START Provided information

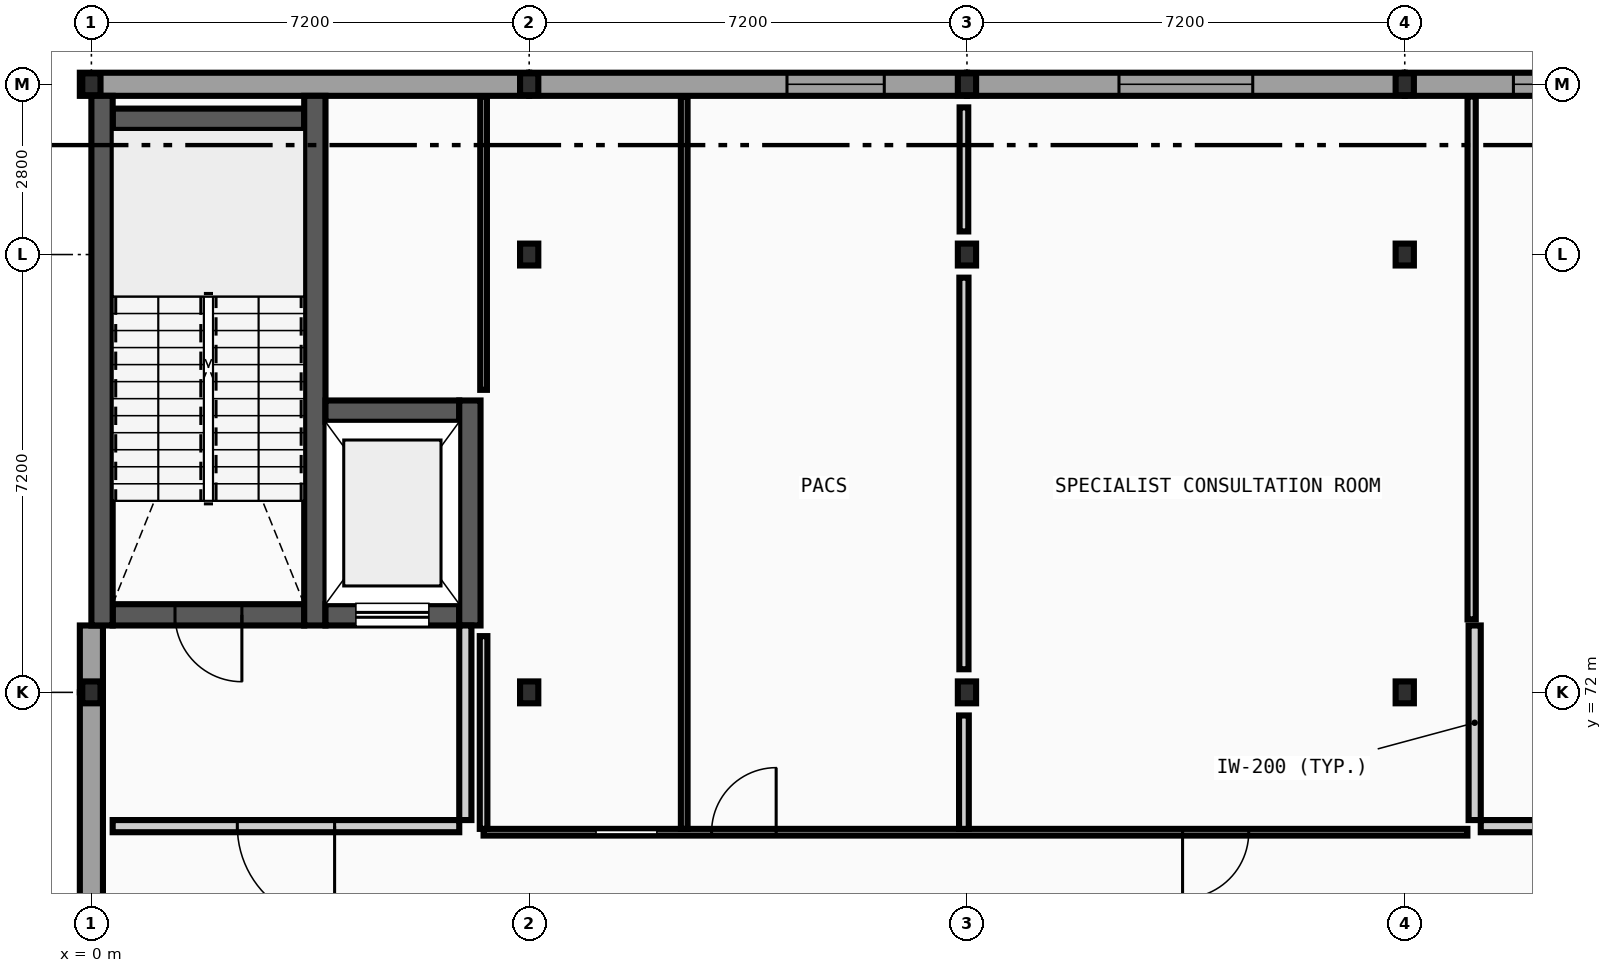
"""IFC4 building model, lengths in metres.
Left out: names, types, materials, properties, quantities, classifications, styles, units other than length and angle.
Written with IfcOpenShell. Run it as: python <this file> out.ifc"""

import sys

from ifc_helpers import new_model, si_unit, direction, frame, frame_2d, origin, origin_2d, place, context, subcontext, project, spatial, rectangle, i_section, extrude, element, fill, save


model = new_model("IFC4")
c1 = context("Model", 3, precision=1e-05, world=origin(), true_north=direction((0.0, 1.0)))
c2 = subcontext(c1, "Body", "Model", "MODEL_VIEW")
j1 = project(units=[si_unit("LENGTHUNIT", "METRE"), si_unit("PLANEANGLEUNIT", "RADIAN")], contexts=[c1])
p1 = place(None, origin())
s1 = spatial("IfcSite", under=j1, at=p1, CompositionType="ELEMENT")
p2 = place(p1, origin())
s2 = spatial("IfcBuilding", under=s1, at=p2, CompositionType="ELEMENT")
p3 = place(p2, frame((0.0, 0.0, 5.2)))
s3 = spatial("IfcBuildingStorey", under=s2, at=p3, CompositionType="ELEMENT", Elevation=5.2)
for number, where, z_axis, x_axis in (
    (1, (0.0, 72.0, 0.0), (0.0, 0.0, 1.0), (1.0, 0.0, 0.0)),
    (2, (0.0, 82.0, 0.0), (0.0, 0.0, 1.0), (1.0, 0.0, 0.0)),
    (3, (7.2, 72.0, 0.0), (0.0, 0.0, 1.0), (1.0, 0.0, 0.0)),
    (4, (7.2, 79.2, 0.0), (0.0, 0.0, 1.0), (1.0, 0.0, 0.0)),
    (5, (7.2, 82.0, 0.0), (0.0, 0.0, 1.0), (1.0, 0.0, 0.0)),
    (6, (14.4, 72.0, 0.0), (0.0, 0.0, 1.0), (1.0, 0.0, 0.0)),
    (7, (14.4, 79.2, 0.0), (0.0, 0.0, 1.0), (1.0, 0.0, 0.0)),
    (8, (14.4, 82.0, 0.0), (0.0, 0.0, 1.0), (1.0, 0.0, 0.0)),
    (9, (21.6, 72.0, 0.0), (0.0, 0.0, 1.0), (1.0, 0.0, 0.0)),
    (10, (21.6, 79.2, 0.0), (0.0, 0.0, 1.0), (1.0, 0.0, 0.0)),
    (11, (21.6, 82.0, 0.0), (0.0, 0.0, 1.0), (1.0, 0.0, 0.0)),
):
    element("IfcColumn", number, at=place(p3, frame(where, z_axis=z_axis, x_axis=x_axis)), inside=s3, PredefinedType="COLUMN", context=c2, shape_type="SweptSolid", body=[
        extrude(i_section(OverallWidth=0.3, OverallDepth=0.36, WebThickness=0.012, FlangeThickness=0.022, FilletRadius=0.027, at=origin_2d()), origin(), (0.0, 0.0, 1.0), 4.4),
    ])
p4 = place(p3, frame((7.2, 82.0, 0.0), z_axis=(0.0, 0.0, 1.0), x_axis=(-1.0, 0.0, 0.0)))
e12 = element("IfcWall", 12, at=p4, inside=s3, PredefinedType="STANDARD", context=c2, shape_type="SweptSolid", body=[
    extrude(rectangle(XDim=7.39, YDim=0.38, at=frame_2d((3.695, 0.0))), origin(), (0.0, 0.0, 1.0), 3.88),
])
p5 = place(p3, frame((14.4, 82.0, 0.0), z_axis=(0.0, 0.0, 1.0), x_axis=(-1.0, 0.0, 0.0)))
e13 = element("IfcWall", 13, at=p5, inside=s3, PredefinedType="STANDARD", context=c2, shape_type="SweptSolid", body=[
    extrude(rectangle(XDim=7.2, YDim=0.38, at=frame_2d((3.6, 0.0))), origin(), (0.0, 0.0, 1.0), 3.88),
])
p6 = place(p5, frame((1.36, 0.0, 1.2)))
e14 = element("IfcOpeningElement", 14, at=p6, cuts=e13, PredefinedType="OPENING", context=c2, shape_type="SweptSolid", body=[
    extrude(rectangle(XDim=1.6, YDim=1.4, at=frame_2d((0.8, 0.7))), frame((0.0, 0.2, 0.0), z_axis=(0.0, -1.0, 0.0), x_axis=(1.0, 0.0, 0.0)), (0.0, 0.0, 1.0), 0.4),
])
p7 = place(p3, frame((21.6, 82.0, 0.0), z_axis=(0.0, 0.0, 1.0), x_axis=(-1.0, 0.0, 0.0)))
e15 = element("IfcWall", 15, at=p7, inside=s3, PredefinedType="STANDARD", context=c2, shape_type="SweptSolid", body=[
    extrude(rectangle(XDim=7.2, YDim=0.38, at=frame_2d((3.6, 0.0))), origin(), (0.0, 0.0, 1.0), 3.88),
])
p8 = place(p7, frame((2.5, 0.0, 0.95)))
e16 = element("IfcOpeningElement", 16, at=p8, cuts=e15, PredefinedType="OPENING", context=c2, shape_type="SweptSolid", body=[
    extrude(rectangle(XDim=2.2, YDim=1.75, at=frame_2d((1.1, 0.875))), frame((0.0, 0.2, 0.0), z_axis=(0.0, -1.0, 0.0), x_axis=(1.0, 0.0, 0.0)), (0.0, 0.0, 1.0), 0.4),
])
p9 = place(p3, frame((28.99, 82.0, 0.0), z_axis=(0.0, 0.0, 1.0), x_axis=(-1.0, 0.0, 0.0)))
e17 = element("IfcWall", 17, at=p9, inside=s3, PredefinedType="STANDARD", context=c2, shape_type="SweptSolid", body=[
    extrude(rectangle(XDim=7.39, YDim=0.38, at=frame_2d((3.695, 0.0))), origin(), (0.0, 0.0, 1.0), 3.88),
])
p10 = place(p9, frame((1.787, 0.0, 0.95)))
e18 = element("IfcOpeningElement", 18, at=p10, cuts=e17, PredefinedType="OPENING", context=c2, shape_type="SweptSolid", body=[
    extrude(rectangle(XDim=0.86, YDim=1.26, at=frame_2d((0.43, 0.63))), frame((0.0, 0.2, 0.0), z_axis=(0.0, -1.0, 0.0), x_axis=(1.0, 0.0, 0.0)), (0.0, 0.0, 1.0), 0.4),
])
p11 = place(p9, frame((4.743, 0.0, 0.95)))
e19 = element("IfcOpeningElement", 19, at=p11, cuts=e17, PredefinedType="OPENING", context=c2, shape_type="SweptSolid", body=[
    extrude(rectangle(XDim=0.86, YDim=1.26, at=frame_2d((0.43, 0.63))), frame((0.0, 0.2, 0.0), z_axis=(0.0, -1.0, 0.0), x_axis=(1.0, 0.0, 0.0)), (0.0, 0.0, 1.0), 0.4),
])
p12 = place(p3, frame((0.0, 72.0, 0.0), z_axis=(0.0, 0.0, 1.0), x_axis=(0.0, -1.0, 0.0)))
e20 = element("IfcWall", 20, at=p12, inside=s3, PredefinedType="STANDARD", context=c2, shape_type="SweptSolid", body=[
    extrude(rectangle(XDim=7.2, YDim=0.38, at=frame_2d((3.6, 0.0))), origin(), (0.0, 0.0, 1.0), 3.81),
])
p13 = place(p3, frame((0.0, 73.1, 0.0), z_axis=(0.0, 0.0, 1.0), x_axis=(0.0, -1.0, 0.0)))
e21 = element("IfcWall", 21, at=p13, inside=s3, PredefinedType="STANDARD", context=c2, shape_type="SweptSolid", body=[
    extrude(rectangle(XDim=1.1, YDim=0.38, at=frame_2d((0.55, 0.0))), origin(), (0.0, 0.0, 1.0), 4.185),
])
p14 = place(p3, frame((0.35, 73.275, 0.0), z_axis=(0.0, 0.0, 1.0), x_axis=(1.0, 0.0, 0.0)))
e22 = element("IfcWall", 22, at=p14, inside=s3, PredefinedType="SHEAR", context=c2, shape_type="SweptSolid", body=[
    extrude(rectangle(XDim=3.15, YDim=0.35, at=frame_2d((1.575, 0.0))), origin(), (0.0, 0.0, 1.0), 4.185),
])
p15 = place(p14, frame((1.025, 0.0, 0.0)))
e23 = element("IfcOpeningElement", 23, at=p15, cuts=e22, PredefinedType="OPENING", context=c2, shape_type="SweptSolid", body=[
    extrude(rectangle(XDim=1.1, YDim=2.15, at=frame_2d((0.55, 1.075))), frame((0.0, 0.185, 0.0), z_axis=(0.0, -1.0, 0.0), x_axis=(1.0, 0.0, 0.0)), (0.0, 0.0, 1.0), 0.37),
])
p16 = place(p3, frame((0.35, 81.425, 0.0), z_axis=(0.0, 0.0, 1.0), x_axis=(1.0, 0.0, 0.0)))
e24 = element("IfcWall", 24, at=p16, inside=s3, PredefinedType="SHEAR", context=c2, shape_type="SweptSolid", body=[
    extrude(rectangle(XDim=3.15, YDim=0.35, at=frame_2d((1.575, 0.0))), origin(), (0.0, 0.0, 1.0), 4.185),
])
for number, where, z_axis, x_axis in (
    (25, (0.175, 73.1, 0.0), (0.0, 0.0, 1.0), (0.0, 1.0, 0.0)),
    (26, (3.675, 73.1, 0.0), (0.0, 0.0, 1.0), (0.0, 1.0, 0.0)),
):
    element("IfcWall", number, at=place(p3, frame(where, z_axis=z_axis, x_axis=x_axis)), inside=s3, PredefinedType="SHEAR", context=c2, shape_type="SweptSolid", body=[
        extrude(rectangle(XDim=8.71, YDim=0.35, at=frame_2d((4.355, 0.0))), origin(), (0.0, 0.0, 1.0), 4.185),
    ])
p17 = place(p3, frame((3.85, 73.275, 0.0), z_axis=(0.0, 0.0, 1.0), x_axis=(1.0, 0.0, 0.0)))
e27 = element("IfcWall", 27, at=p17, inside=s3, PredefinedType="SHEAR", context=c2, shape_type="SweptSolid", body=[
    extrude(rectangle(XDim=2.2, YDim=0.35, at=frame_2d((1.1, 0.0))), origin(), (0.0, 0.0, 1.0), 4.185),
])
p18 = place(p17, frame((0.5, 0.0, 0.0)))
e28 = element("IfcOpeningElement", 28, at=p18, cuts=e27, PredefinedType="OPENING", context=c2, shape_type="SweptSolid", body=[
    extrude(rectangle(XDim=1.2, YDim=2.2, at=frame_2d((0.6, 1.1))), frame((0.0, 0.185, 0.0), z_axis=(0.0, -1.0, 0.0), x_axis=(1.0, 0.0, 0.0)), (0.0, 0.0, 1.0), 0.37),
])
p19 = place(p3, frame((3.85, 76.625, 0.0), z_axis=(0.0, 0.0, 1.0), x_axis=(1.0, 0.0, 0.0)))
e29 = element("IfcWall", 29, at=p19, inside=s3, PredefinedType="SHEAR", context=c2, shape_type="SweptSolid", body=[
    extrude(rectangle(XDim=2.2, YDim=0.35, at=frame_2d((1.1, 0.0))), origin(), (0.0, 0.0, 1.0), 4.185),
])
p20 = place(p3, frame((6.225, 73.1, 0.0), z_axis=(0.0, 0.0, 1.0), x_axis=(0.0, 1.0, 0.0)))
e30 = element("IfcWall", 30, at=p20, inside=s3, PredefinedType="SHEAR", context=c2, shape_type="SweptSolid", body=[
    extrude(rectangle(XDim=3.7, YDim=0.35, at=frame_2d((1.85, 0.0))), origin(), (0.0, 0.0, 1.0), 4.185),
])
p21 = place(p3, frame((0.35, 69.8, 0.0), z_axis=(0.0, 0.0, 1.0), x_axis=(1.0, 0.0, 0.0)))
e31 = element("IfcWall", 31, at=p21, inside=s3, PredefinedType="PARTITIONING", context=c2, shape_type="SweptSolid", body=[
    extrude(rectangle(XDim=5.7, YDim=0.2, at=frame_2d((2.85, 0.0))), origin(), (0.0, 0.0, 1.0), 4.185),
])
p22 = place(p21, frame((2.05, 0.0, 0.0)))
e32 = element("IfcOpeningElement", 32, at=p22, cuts=e31, PredefinedType="OPENING", context=c2, shape_type="SweptSolid", body=[
    extrude(rectangle(XDim=1.6, YDim=2.2, at=frame_2d((0.8, 1.1))), frame((0.0, 0.11, 0.0), z_axis=(0.0, -1.0, 0.0), x_axis=(1.0, 0.0, 0.0)), (0.0, 0.0, 1.0), 0.22),
])
p23 = place(p3, frame((6.15, 69.9, 0.0), z_axis=(0.0, 0.0, 1.0), x_axis=(0.0, 1.0, 0.0)))
e33 = element("IfcWall", 33, at=p23, inside=s3, PredefinedType="PARTITIONING", context=c2, shape_type="SweptSolid", body=[
    extrude(rectangle(XDim=3.2, YDim=0.2, at=frame_2d((1.6, 0.0))), origin(), (0.0, 0.0, 1.0), 4.185),
])
p24 = place(p3, frame((22.85, 69.8, 0.0), z_axis=(0.0, 0.0, 1.0), x_axis=(1.0, 0.0, 0.0)))
e34 = element("IfcWall", 34, at=p24, inside=s3, PredefinedType="PARTITIONING", context=c2, shape_type="SweptSolid", body=[
    extrude(rectangle(XDim=5.6, YDim=0.2, at=frame_2d((2.8, 0.0))), origin(), (0.0, 0.0, 1.0), 4.185),
])
p25 = place(p24, frame((2.0, 0.0, 0.0)))
e35 = element("IfcOpeningElement", 35, at=p25, cuts=e34, PredefinedType="OPENING", context=c2, shape_type="SweptSolid", body=[
    extrude(rectangle(XDim=1.6, YDim=2.2, at=frame_2d((0.8, 1.1))), frame((0.0, 0.11, 0.0), z_axis=(0.0, -1.0, 0.0), x_axis=(1.0, 0.0, 0.0)), (0.0, 0.0, 1.0), 0.22),
])
p26 = place(p3, frame((22.75, 69.9, 0.0), z_axis=(0.0, 0.0, 1.0), x_axis=(0.0, 1.0, 0.0)))
e36 = element("IfcWall", 36, at=p26, inside=s3, PredefinedType="PARTITIONING", context=c2, shape_type="SweptSolid", body=[
    extrude(rectangle(XDim=3.2, YDim=0.2, at=frame_2d((1.6, 0.0))), origin(), (0.0, 0.0, 1.0), 4.185),
])
p27 = place(p3, frame((6.45, 69.7, 0.0), z_axis=(0.0, 0.0, 1.0), x_axis=(1.0, 0.0, 0.0)))
e37 = element("IfcWall", 37, at=p27, inside=s3, PredefinedType="PARTITIONING", context=c2, shape_type="SweptSolid", body=[
    extrude(rectangle(XDim=16.18, YDim=0.11, at=frame_2d((8.09, 0.0))), origin(), (0.0, 0.0, 1.0), 4.185),
])
p28 = place(p27, frame((1.85, 0.0, 0.0)))
e38 = element("IfcOpeningElement", 38, at=p28, cuts=e37, PredefinedType="OPENING", context=c2, shape_type="SweptSolid", body=[
    extrude(rectangle(XDim=1.0, YDim=2.1, at=frame_2d((0.5, 1.05))), frame((0.0, 0.065, 0.0), z_axis=(0.0, -1.0, 0.0), x_axis=(1.0, 0.0, 0.0)), (0.0, 0.0, 1.0), 0.13),
])
p29 = place(p27, frame((3.75, 0.0, 0.0)))
e39 = element("IfcOpeningElement", 39, at=p29, cuts=e37, PredefinedType="OPENING", context=c2, shape_type="SweptSolid", body=[
    extrude(rectangle(XDim=1.062, YDim=2.124, at=frame_2d((0.531, 1.062))), frame((0.0, 0.065, 0.0), z_axis=(0.0, -1.0, 0.0), x_axis=(1.0, 0.0, 0.0)), (0.0, 0.0, 1.0), 0.13),
])
p30 = place(p27, frame((11.496, 0.0, 0.0)))
e40 = element("IfcOpeningElement", 40, at=p30, cuts=e37, PredefinedType="OPENING", context=c2, shape_type="SweptSolid", body=[
    extrude(rectangle(XDim=1.088, YDim=2.124, at=frame_2d((0.544, 1.062))), frame((0.0, 0.065, 0.0), z_axis=(0.0, -1.0, 0.0), x_axis=(1.0, 0.0, 0.0)), (0.0, 0.0, 1.0), 0.13),
])
p31 = place(p3, frame((6.45, 69.755, 0.0), z_axis=(0.0, 0.0, 1.0), x_axis=(0.0, 1.0, 0.0)))
e41 = element("IfcWall", 41, at=p31, inside=s3, PredefinedType="PARTITIONING", context=c2, shape_type="SweptSolid", body=[
    extrude(rectangle(XDim=3.17, YDim=0.125, at=frame_2d((1.585, 0.0))), origin(), (0.0, 0.0, 1.0), 4.185),
])
p32 = place(p3, frame((6.45, 76.975, 0.0), z_axis=(0.0, 0.0, 1.0), x_axis=(0.0, 1.0, 0.0)))
e42 = element("IfcWall", 42, at=p32, inside=s3, PredefinedType="PARTITIONING", context=c2, shape_type="SweptSolid", body=[
    extrude(rectangle(XDim=4.825, YDim=0.11, at=frame_2d((2.413, 0.0))), origin(), (0.0, 0.0, 1.0), 4.185),
])
p33 = place(p3, frame((9.75, 69.755, 0.0), z_axis=(0.0, 0.0, 1.0), x_axis=(0.0, 1.0, 0.0)))
e43 = element("IfcWall", 43, at=p33, inside=s3, PredefinedType="PARTITIONING", context=c2, shape_type="SweptSolid", body=[
    extrude(rectangle(XDim=12.045, YDim=0.11, at=frame_2d((6.022, 0.0))), origin(), (0.0, 0.0, 1.0), 3.9),
])
p34 = place(p3, frame((14.35, 69.755, 0.0), z_axis=(0.0, 0.0, 1.0), x_axis=(0.0, 1.0, 0.0)))
e44 = element("IfcWall", 44, at=p34, inside=s3, PredefinedType="PARTITIONING", context=c2, shape_type="SweptSolid", body=[
    extrude(rectangle(XDim=1.865, YDim=0.16, at=frame_2d((0.933, 0.0))), origin(), (0.0, 0.0, 1.0), 3.88),
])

END Provided information

#### What you should do:
Read the listing. Report every line that includes the word "under".

#### Solution to this problem:
s1 = spatial("IfcSite", under=j1, at=p1, CompositionType="ELEMENT")
s2 = spatial("IfcBuilding", under=s1, at=p2, CompositionType="ELEMENT")
s3 = spatial("IfcBuildingStorey", under=s2, at=p3, CompositionType="ELEMENT", Elevation=5.2)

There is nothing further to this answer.